▶ **WHAT TO WORK ON**: Search the entries below for "CompositionType". Report each line where it occurs.
────────────────────
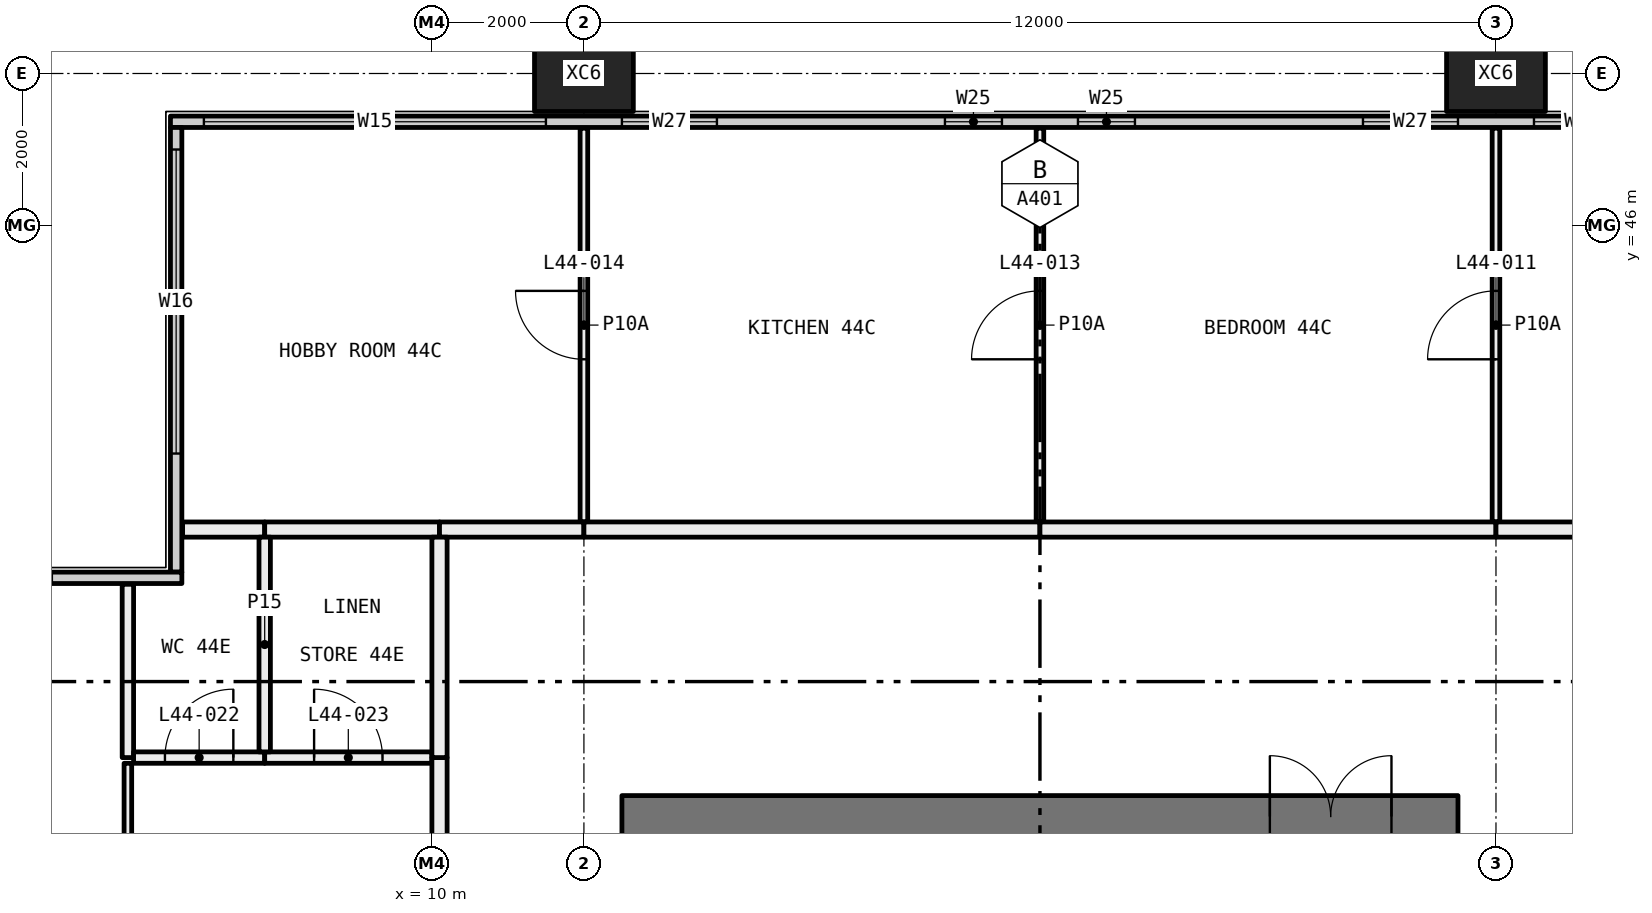
"""IFC4 building model, lengths in metres.
Left out: names, types, materials, properties, quantities, classifications, styles, units other than length and angle.
Written with IfcOpenShell. Run it as: python <this file> out.ifc"""

import sys

from ifc_helpers import new_model, si_unit, direction, frame, frame_2d, origin, origin_2d, place, context, subcontext, project, spatial, rectangle, hollow_rectangle, extrude, element, fill, save


model = new_model("IFC4")
c1 = context("Model", 3, precision=1e-05, world=origin(), true_north=direction((0.0, 1.0)))
c2 = subcontext(c1, "Body", "Model", "MODEL_VIEW")
j1 = project(units=[si_unit("LENGTHUNIT", "METRE"), si_unit("PLANEANGLEUNIT", "RADIAN")], contexts=[c1])
p1 = place(None, origin())
s1 = spatial("IfcSite", under=j1, at=p1, CompositionType="ELEMENT")
p2 = place(p1, origin())
s2 = spatial("IfcBuilding", under=s1, at=p2, CompositionType="ELEMENT")
p3 = place(p2, frame((0.0, 0.0, 168.6)))
s3 = spatial("IfcBuildingStorey", under=s2, at=p3, CompositionType="ELEMENT", Elevation=168.6)
for number, where, z_axis, x_axis in (
    (1, (12.0, 48.0, -0.4), (0.0, 0.0, 1.0), (1.0, 0.0, 0.0)),
    (2, (24.0, 48.0, -0.4), (0.0, 0.0, 1.0), (1.0, 0.0, 0.0)),
):
    element("IfcColumn", number, at=place(p3, frame(where, z_axis=z_axis, x_axis=x_axis)), inside=s3, PredefinedType="COLUMN", context=c2, shape_type="SweptSolid", body=[
        extrude(hollow_rectangle(XDim=1.3, YDim=1.0, WallThickness=0.05, at=origin_2d()), origin(), (0.0, 0.0, 1.0), 3.45),
    ])
p4 = place(p3, frame((6.56, 47.365, 0.0), z_axis=(0.0, 0.0, 1.0), x_axis=(1.0, 0.0, 0.0)))
e3 = element("IfcWall", 3, at=p4, inside=s3, PredefinedType="ELEMENTEDWALL", context=c2, shape_type="SweptSolid", body=[
    extrude(rectangle(XDim=46.88, YDim=0.15, at=frame_2d((23.44, 0.0))), origin(), (0.0, 0.0, 1.0), 3.05),
])
p5 = place(p4, frame((0.44, 0.0, 0.45)))
e4 = element("IfcOpeningElement", 4, at=p5, cuts=e3, PredefinedType="OPENING", context=c2, shape_type="SweptSolid", body=[
    extrude(rectangle(XDim=4.5, YDim=2.55, at=frame_2d((2.25, 1.275))), frame((0.0, 0.085, 0.0), z_axis=(0.0, -1.0, 0.0), x_axis=(1.0, 0.0, 0.0)), (0.0, 0.0, 1.0), 0.17),
])
p6 = place(p4, frame((5.94, 0.0, 0.45)))
e5 = element("IfcOpeningElement", 5, at=p6, cuts=e3, PredefinedType="OPENING", context=c2, shape_type="SweptSolid", body=[
    extrude(rectangle(XDim=1.25, YDim=2.55, at=frame_2d((0.625, 1.275))), frame((0.0, 0.085, 0.0), z_axis=(0.0, -1.0, 0.0), x_axis=(1.0, 0.0, 0.0)), (0.0, 0.0, 1.0), 0.17),
])
p7 = place(p4, frame((10.19, 0.0, 0.45)))
e6 = element("IfcOpeningElement", 6, at=p7, cuts=e3, PredefinedType="OPENING", context=c2, shape_type="SweptSolid", body=[
    extrude(rectangle(XDim=0.75, YDim=2.55, at=frame_2d((0.375, 1.275))), frame((0.0, 0.085, 0.0), z_axis=(0.0, -1.0, 0.0), x_axis=(1.0, 0.0, 0.0)), (0.0, 0.0, 1.0), 0.17),
])
p8 = place(p4, frame((11.94, 0.0, 0.45)))
e7 = element("IfcOpeningElement", 7, at=p8, cuts=e3, PredefinedType="OPENING", context=c2, shape_type="SweptSolid", body=[
    extrude(rectangle(XDim=0.75, YDim=2.55, at=frame_2d((0.375, 1.275))), frame((0.0, 0.085, 0.0), z_axis=(0.0, -1.0, 0.0), x_axis=(1.0, 0.0, 0.0)), (0.0, 0.0, 1.0), 0.17),
])
p9 = place(p4, frame((15.69, 0.0, 0.45)))
e8 = element("IfcOpeningElement", 8, at=p9, cuts=e3, PredefinedType="OPENING", context=c2, shape_type="SweptSolid", body=[
    extrude(rectangle(XDim=1.25, YDim=2.55, at=frame_2d((0.625, 1.275))), frame((0.0, 0.085, 0.0), z_axis=(0.0, -1.0, 0.0), x_axis=(1.0, 0.0, 0.0)), (0.0, 0.0, 1.0), 0.17),
])
p10 = place(p4, frame((17.94, 0.0, 0.45)))
e9 = element("IfcOpeningElement", 9, at=p10, cuts=e3, PredefinedType="OPENING", context=c2, shape_type="SweptSolid", body=[
    extrude(rectangle(XDim=1.25, YDim=2.55, at=frame_2d((0.625, 1.275))), frame((0.0, 0.085, 0.0), z_axis=(0.0, -1.0, 0.0), x_axis=(1.0, 0.0, 0.0)), (0.0, 0.0, 1.0), 0.17),
])
p11 = place(p4, frame((22.19, 0.0, 0.45)))
e10 = element("IfcOpeningElement", 10, at=p11, cuts=e3, PredefinedType="OPENING", context=c2, shape_type="SweptSolid", body=[
    extrude(rectangle(XDim=0.75, YDim=2.55, at=frame_2d((0.375, 1.275))), frame((0.0, 0.085, 0.0), z_axis=(0.0, -1.0, 0.0), x_axis=(1.0, 0.0, 0.0)), (0.0, 0.0, 1.0), 0.17),
])
p12 = place(p4, frame((23.94, 0.0, 0.45)))
e11 = element("IfcOpeningElement", 11, at=p12, cuts=e3, PredefinedType="OPENING", context=c2, shape_type="SweptSolid", body=[
    extrude(rectangle(XDim=0.75, YDim=2.55, at=frame_2d((0.375, 1.275))), frame((0.0, 0.085, 0.0), z_axis=(0.0, -1.0, 0.0), x_axis=(1.0, 0.0, 0.0)), (0.0, 0.0, 1.0), 0.17),
])
p13 = place(p4, frame((27.69, 0.0, 0.45)))
e12 = element("IfcOpeningElement", 12, at=p13, cuts=e3, PredefinedType="OPENING", context=c2, shape_type="SweptSolid", body=[
    extrude(rectangle(XDim=1.25, YDim=2.55, at=frame_2d((0.625, 1.275))), frame((0.0, 0.085, 0.0), z_axis=(0.0, -1.0, 0.0), x_axis=(1.0, 0.0, 0.0)), (0.0, 0.0, 1.0), 0.17),
])
p14 = place(p4, frame((29.94, 0.0, 0.45)))
e13 = element("IfcOpeningElement", 13, at=p14, cuts=e3, PredefinedType="OPENING", context=c2, shape_type="SweptSolid", body=[
    extrude(rectangle(XDim=1.25, YDim=2.55, at=frame_2d((0.625, 1.275))), frame((0.0, 0.085, 0.0), z_axis=(0.0, -1.0, 0.0), x_axis=(1.0, 0.0, 0.0)), (0.0, 0.0, 1.0), 0.17),
])
p15 = place(p4, frame((34.19, 0.0, 0.45)))
e14 = element("IfcOpeningElement", 14, at=p15, cuts=e3, PredefinedType="OPENING", context=c2, shape_type="SweptSolid", body=[
    extrude(rectangle(XDim=0.75, YDim=2.55, at=frame_2d((0.375, 1.275))), frame((0.0, 0.085, 0.0), z_axis=(0.0, -1.0, 0.0), x_axis=(1.0, 0.0, 0.0)), (0.0, 0.0, 1.0), 0.17),
])
p16 = place(p4, frame((35.94, 0.0, 0.45)))
e15 = element("IfcOpeningElement", 15, at=p16, cuts=e3, PredefinedType="OPENING", context=c2, shape_type="SweptSolid", body=[
    extrude(rectangle(XDim=0.75, YDim=2.55, at=frame_2d((0.375, 1.275))), frame((0.0, 0.085, 0.0), z_axis=(0.0, -1.0, 0.0), x_axis=(1.0, 0.0, 0.0)), (0.0, 0.0, 1.0), 0.17),
])
p17 = place(p4, frame((39.69, 0.0, 0.45)))
e16 = element("IfcOpeningElement", 16, at=p17, cuts=e3, PredefinedType="OPENING", context=c2, shape_type="SweptSolid", body=[
    extrude(rectangle(XDim=1.25, YDim=2.55, at=frame_2d((0.625, 1.275))), frame((0.0, 0.085, 0.0), z_axis=(0.0, -1.0, 0.0), x_axis=(1.0, 0.0, 0.0)), (0.0, 0.0, 1.0), 0.17),
])
p18 = place(p4, frame((41.94, 0.0, 0.45)))
e17 = element("IfcOpeningElement", 17, at=p18, cuts=e3, PredefinedType="OPENING", context=c2, shape_type="SweptSolid", body=[
    extrude(rectangle(XDim=4.5, YDim=2.55, at=frame_2d((2.25, 1.275))), frame((0.0, 0.085, 0.0), z_axis=(0.0, -1.0, 0.0), x_axis=(1.0, 0.0, 0.0)), (0.0, 0.0, 1.0), 0.17),
])
p19 = place(p3, frame((6.635, 41.44, 0.0), z_axis=(0.0, 0.0, 1.0), x_axis=(0.0, 1.0, 0.0)))
e18 = element("IfcWall", 18, at=p19, inside=s3, PredefinedType="ELEMENTEDWALL", context=c2, shape_type="SweptSolid", body=[
    extrude(rectangle(XDim=5.85, YDim=0.15, at=frame_2d((2.925, 0.0))), origin(), (0.0, 0.0, 1.0), 3.05),
])
p20 = place(p19, frame((1.56, 0.0, 0.45)))
e19 = element("IfcOpeningElement", 19, at=p20, cuts=e18, PredefinedType="OPENING", context=c2, shape_type="SweptSolid", body=[
    extrude(rectangle(XDim=4.0, YDim=2.55, at=frame_2d((2.0, 1.275))), frame((0.0, 0.085, 0.0), z_axis=(0.0, -1.0, 0.0), x_axis=(1.0, 0.0, 0.0)), (0.0, 0.0, 1.0), 0.17),
])
p21 = place(p3, frame((0.56, 41.365, 0.0), z_axis=(0.0, 0.0, 1.0), x_axis=(1.0, 0.0, 0.0)))
e20 = element("IfcWall", 20, at=p21, inside=s3, PredefinedType="ELEMENTEDWALL", context=c2, shape_type="SweptSolid", body=[
    extrude(rectangle(XDim=6.15, YDim=0.15, at=frame_2d((3.075, 0.0))), origin(), (0.0, 0.0, 1.0), 3.05),
])
p22 = place(p21, frame((0.44, 0.0, 0.45)))
e21 = element("IfcOpeningElement", 21, at=p22, cuts=e20, PredefinedType="OPENING", context=c2, shape_type="SweptSolid", body=[
    extrude(rectangle(XDim=4.0, YDim=2.55, at=frame_2d((2.0, 1.275))), frame((0.0, 0.085, 0.0), z_axis=(0.0, -1.0, 0.0), x_axis=(1.0, 0.0, 0.0)), (0.0, 0.0, 1.0), 0.17),
])
p23 = place(p3, frame((12.0, 42.1, 0.0), z_axis=(0.0, 0.0, 1.0), x_axis=(0.0, 1.0, 0.0)))
e22 = element("IfcWall", 22, at=p23, inside=s3, PredefinedType="PARTITIONING", context=c2, shape_type="SweptSolid", body=[
    extrude(rectangle(XDim=5.18, YDim=0.1, at=frame_2d((2.59, 0.0))), origin(), (0.0, 0.0, 1.0), 3.05),
])
p24 = place(p23, frame((2.14, 0.0, 0.0)))
e23 = element("IfcOpeningElement", 23, at=p24, cuts=e22, PredefinedType="OPENING", context=c2, shape_type="SweptSolid", body=[
    extrude(rectangle(XDim=0.9, YDim=2.1, at=frame_2d((0.45, 1.05))), frame((0.0, 0.06, 0.0), z_axis=(0.0, -1.0, 0.0), x_axis=(1.0, 0.0, 0.0)), (0.0, 0.0, 1.0), 0.12),
])
p25 = place(p3, frame((6.72, 42.0, 0.0), z_axis=(0.0, 0.0, 1.0), x_axis=(1.0, 0.0, 0.0)))
e24 = element("IfcWall", 24, at=p25, inside=s3, PredefinedType="PARTITIONING", context=c2, shape_type="SweptSolid", body=[
    extrude(rectangle(XDim=1.08, YDim=0.2, at=frame_2d((0.54, 0.0))), origin(), (0.0, 0.0, 1.0), 3.05),
])
p26 = place(p3, frame((7.8, 42.0, 0.0), z_axis=(0.0, 0.0, 1.0), x_axis=(1.0, 0.0, 0.0)))
e25 = element("IfcWall", 25, at=p26, inside=s3, PredefinedType="PARTITIONING", context=c2, shape_type="SweptSolid", body=[
    extrude(rectangle(XDim=2.3, YDim=0.2, at=frame_2d((1.15, 0.0))), origin(), (0.0, 0.0, 1.0), 3.05),
])
p27 = place(p3, frame((10.1, 42.0, 0.0), z_axis=(0.0, 0.0, 1.0), x_axis=(1.0, 0.0, 0.0)))
e26 = element("IfcWall", 26, at=p27, inside=s3, PredefinedType="PARTITIONING", context=c2, shape_type="SweptSolid", body=[
    extrude(rectangle(XDim=1.9, YDim=0.2, at=frame_2d((0.95, 0.0))), origin(), (0.0, 0.0, 1.0), 3.05),
])
p28 = place(p3, frame((18.0, 42.1, 0.0), z_axis=(0.0, 0.0, 1.0), x_axis=(0.0, 1.0, 0.0)))
e27 = element("IfcWall", 27, at=p28, inside=s3, PredefinedType="PARTITIONING", context=c2, shape_type="SweptSolid", body=[
    extrude(rectangle(XDim=5.18, YDim=0.1, at=frame_2d((2.59, 0.0))), origin(), (0.0, 0.0, 1.0), 3.05),
])
p29 = place(p28, frame((2.14, 0.0, 0.0)))
e28 = element("IfcOpeningElement", 28, at=p29, cuts=e27, PredefinedType="OPENING", context=c2, shape_type="SweptSolid", body=[
    extrude(rectangle(XDim=0.9, YDim=2.1, at=frame_2d((0.45, 1.05))), frame((0.0, 0.06, 0.0), z_axis=(0.0, -1.0, 0.0), x_axis=(1.0, 0.0, 0.0)), (0.0, 0.0, 1.0), 0.12),
])
p30 = place(p3, frame((12.0, 42.0, 0.0), z_axis=(0.0, 0.0, 1.0), x_axis=(1.0, 0.0, 0.0)))
e29 = element("IfcWall", 29, at=p30, inside=s3, PredefinedType="PARTITIONING", context=c2, shape_type="SweptSolid", body=[
    extrude(rectangle(XDim=6.0, YDim=0.2, at=frame_2d((3.0, 0.0))), origin(), (0.0, 0.0, 1.0), 3.05),
])
p31 = place(p3, frame((24.0, 42.1, 0.0), z_axis=(0.0, 0.0, 1.0), x_axis=(0.0, 1.0, 0.0)))
e30 = element("IfcWall", 30, at=p31, inside=s3, PredefinedType="PARTITIONING", context=c2, shape_type="SweptSolid", body=[
    extrude(rectangle(XDim=5.18, YDim=0.1, at=frame_2d((2.59, 0.0))), origin(), (0.0, 0.0, 1.0), 3.05),
])
p32 = place(p31, frame((2.14, 0.0, 0.0)))
e31 = element("IfcOpeningElement", 31, at=p32, cuts=e30, PredefinedType="OPENING", context=c2, shape_type="SweptSolid", body=[
    extrude(rectangle(XDim=0.9, YDim=2.1, at=frame_2d((0.45, 1.05))), frame((0.0, 0.06, 0.0), z_axis=(0.0, -1.0, 0.0), x_axis=(1.0, 0.0, 0.0)), (0.0, 0.0, 1.0), 0.12),
])
p33 = place(p3, frame((18.0, 42.0, 0.0), z_axis=(0.0, 0.0, 1.0), x_axis=(1.0, 0.0, 0.0)))
e32 = element("IfcWall", 32, at=p33, inside=s3, PredefinedType="PARTITIONING", context=c2, shape_type="SweptSolid", body=[
    extrude(rectangle(XDim=6.0, YDim=0.2, at=frame_2d((3.0, 0.0))), origin(), (0.0, 0.0, 1.0), 3.05),
])
p34 = place(p3, frame((24.0, 42.0, 0.0), z_axis=(0.0, 0.0, 1.0), x_axis=(1.0, 0.0, 0.0)))
e33 = element("IfcWall", 33, at=p34, inside=s3, PredefinedType="PARTITIONING", context=c2, shape_type="SweptSolid", body=[
    extrude(rectangle(XDim=6.0, YDim=0.2, at=frame_2d((3.0, 0.0))), origin(), (0.0, 0.0, 1.0), 3.05),
])
p35 = place(p34, frame((2.5, 0.0, 0.0)))
e34 = element("IfcOpeningElement", 34, at=p35, cuts=e33, PredefinedType="OPENING", context=c2, shape_type="SweptSolid", body=[
    extrude(rectangle(XDim=1.0, YDim=2.1, at=frame_2d((0.5, 1.05))), frame((0.0, 0.11, 0.0), z_axis=(0.0, -1.0, 0.0), x_axis=(1.0, 0.0, 0.0)), (0.0, 0.0, 1.0), 0.22),
])
p36 = place(p3, frame((6.0, 36.05, 0.0), z_axis=(0.0, 0.0, 1.0), x_axis=(0.0, 1.0, 0.0)))
e35 = element("IfcWall", 35, at=p36, inside=s3, PredefinedType="PARTITIONING", context=c2, shape_type="SweptSolid", body=[
    extrude(rectangle(XDim=2.875, YDim=0.1, at=frame_2d((1.438, 0.0))), origin(), (0.0, 0.0, 1.0), 2.45),
])
p37 = place(p3, frame((6.0, 39.0, 0.0), z_axis=(0.0, 0.0, 1.0), x_axis=(0.0, 1.0, 0.0)))
e36 = element("IfcWall", 36, at=p37, inside=s3, PredefinedType="PARTITIONING", context=c2, shape_type="SweptSolid", body=[
    extrude(rectangle(XDim=2.28, YDim=0.15, at=frame_2d((1.14, 0.0))), origin(), (0.0, 0.0, 1.0), 3.05),
])
p38 = place(p3, frame((7.8, 39.0, 0.0), z_axis=(0.0, 0.0, 1.0), x_axis=(-1.0, 0.0, 0.0)))
e37 = element("IfcWall", 37, at=p38, inside=s3, PredefinedType="PARTITIONING", context=c2, shape_type="SweptSolid", body=[
    extrude(rectangle(XDim=1.725, YDim=0.15, at=frame_2d((0.863, 0.0))), origin(), (0.0, 0.0, 1.0), 3.05),
])
p39 = place(p38, frame((0.413, 0.0, 0.0)))
e38 = element("IfcOpeningElement", 38, at=p39, cuts=e37, PredefinedType="OPENING", context=c2, shape_type="SweptSolid", body=[
    extrude(rectangle(XDim=0.9, YDim=2.1, at=frame_2d((0.45, 1.05))), frame((0.0, 0.085, 0.0), z_axis=(0.0, -1.0, 0.0), x_axis=(1.0, 0.0, 0.0)), (0.0, 0.0, 1.0), 0.17),
])
p40 = place(p3, frame((10.0, 39.0, 0.0), z_axis=(0.0, 0.0, 1.0), x_axis=(-1.0, 0.0, 0.0)))
e39 = element("IfcWall", 39, at=p40, inside=s3, PredefinedType="PARTITIONING", context=c2, shape_type="SweptSolid", body=[
    extrude(rectangle(XDim=2.2, YDim=0.15, at=frame_2d((1.1, 0.0))), origin(), (0.0, 0.0, 1.0), 3.05),
])
p41 = place(p40, frame((0.65, 0.0, 0.0)))
e40 = element("IfcOpeningElement", 40, at=p41, cuts=e39, PredefinedType="OPENING", context=c2, shape_type="SweptSolid", body=[
    extrude(rectangle(XDim=0.9, YDim=2.1, at=frame_2d((0.45, 1.05))), frame((0.0, 0.085, 0.0), z_axis=(0.0, -1.0, 0.0), x_axis=(1.0, 0.0, 0.0)), (0.0, 0.0, 1.0), 0.17),
])
p42 = place(p3, frame((10.1, 36.1, 0.0), z_axis=(0.0, 0.0, 1.0), x_axis=(0.0, 1.0, 0.0)))
e41 = element("IfcWall", 41, at=p42, inside=s3, PredefinedType="PARTITIONING", context=c2, shape_type="SweptSolid", body=[
    extrude(rectangle(XDim=2.9, YDim=0.2, at=frame_2d((1.45, 0.0))), origin(), (0.0, 0.0, 1.0), 3.05),
])
p43 = place(p3, frame((7.8, 39.075, 0.0), z_axis=(0.0, 0.0, 1.0), x_axis=(0.0, 1.0, 0.0)))
e42 = element("IfcWall", 42, at=p43, inside=s3, PredefinedType="PARTITIONING", context=c2, shape_type="SweptSolid", body=[
    extrude(rectangle(XDim=2.825, YDim=0.15, at=frame_2d((1.413, 0.0))), origin(), (0.0, 0.0, 1.0), 3.05),
])
p44 = place(p3, frame((10.1, 39.0, 0.0), z_axis=(0.0, 0.0, 1.0), x_axis=(0.0, 1.0, 0.0)))
e43 = element("IfcWall", 43, at=p44, inside=s3, PredefinedType="PARTITIONING", context=c2, shape_type="SweptSolid", body=[
    extrude(rectangle(XDim=2.9, YDim=0.2, at=frame_2d((1.45, 0.0))), origin(), (0.0, 0.0, 1.0), 3.05),
])
p45 = place(p3, frame((12.5, 38.225, 0.0), z_axis=(0.0, 0.0, 1.0), x_axis=(1.0, 0.0, 0.0)))
e44 = element("IfcWall", 44, at=p45, inside=s3, PredefinedType="SHEAR", context=c2, shape_type="SweptSolid", body=[
    extrude(rectangle(XDim=11.0, YDim=0.55, at=frame_2d((5.5, 0.0))), origin(), (0.0, 0.0, 1.0), 3.05),
])
p46 = place(p45, frame((8.525, 0.0, 0.0)))
e45 = element("IfcOpeningElement", 45, at=p46, cuts=e44, PredefinedType="OPENING", context=c2, shape_type="SweptSolid", body=[
    extrude(rectangle(XDim=1.6, YDim=2.1, at=frame_2d((0.8, 1.05))), frame((0.0, 0.285, 0.0), z_axis=(0.0, -1.0, 0.0), x_axis=(1.0, 0.0, 0.0)), (0.0, 0.0, 1.0), 0.57),
])
p47 = place(p5, origin())
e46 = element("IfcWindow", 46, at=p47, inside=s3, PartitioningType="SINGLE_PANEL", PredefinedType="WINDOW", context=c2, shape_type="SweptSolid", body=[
────────────────────
▶ **ANSWER SECTION**:
s1 = spatial("IfcSite", under=j1, at=p1, CompositionType="ELEMENT")
s2 = spatial("IfcBuilding", under=s1, at=p2, CompositionType="ELEMENT")
s3 = spatial("IfcBuildingStorey", under=s2, at=p3, CompositionType="ELEMENT", Elevation=168.6)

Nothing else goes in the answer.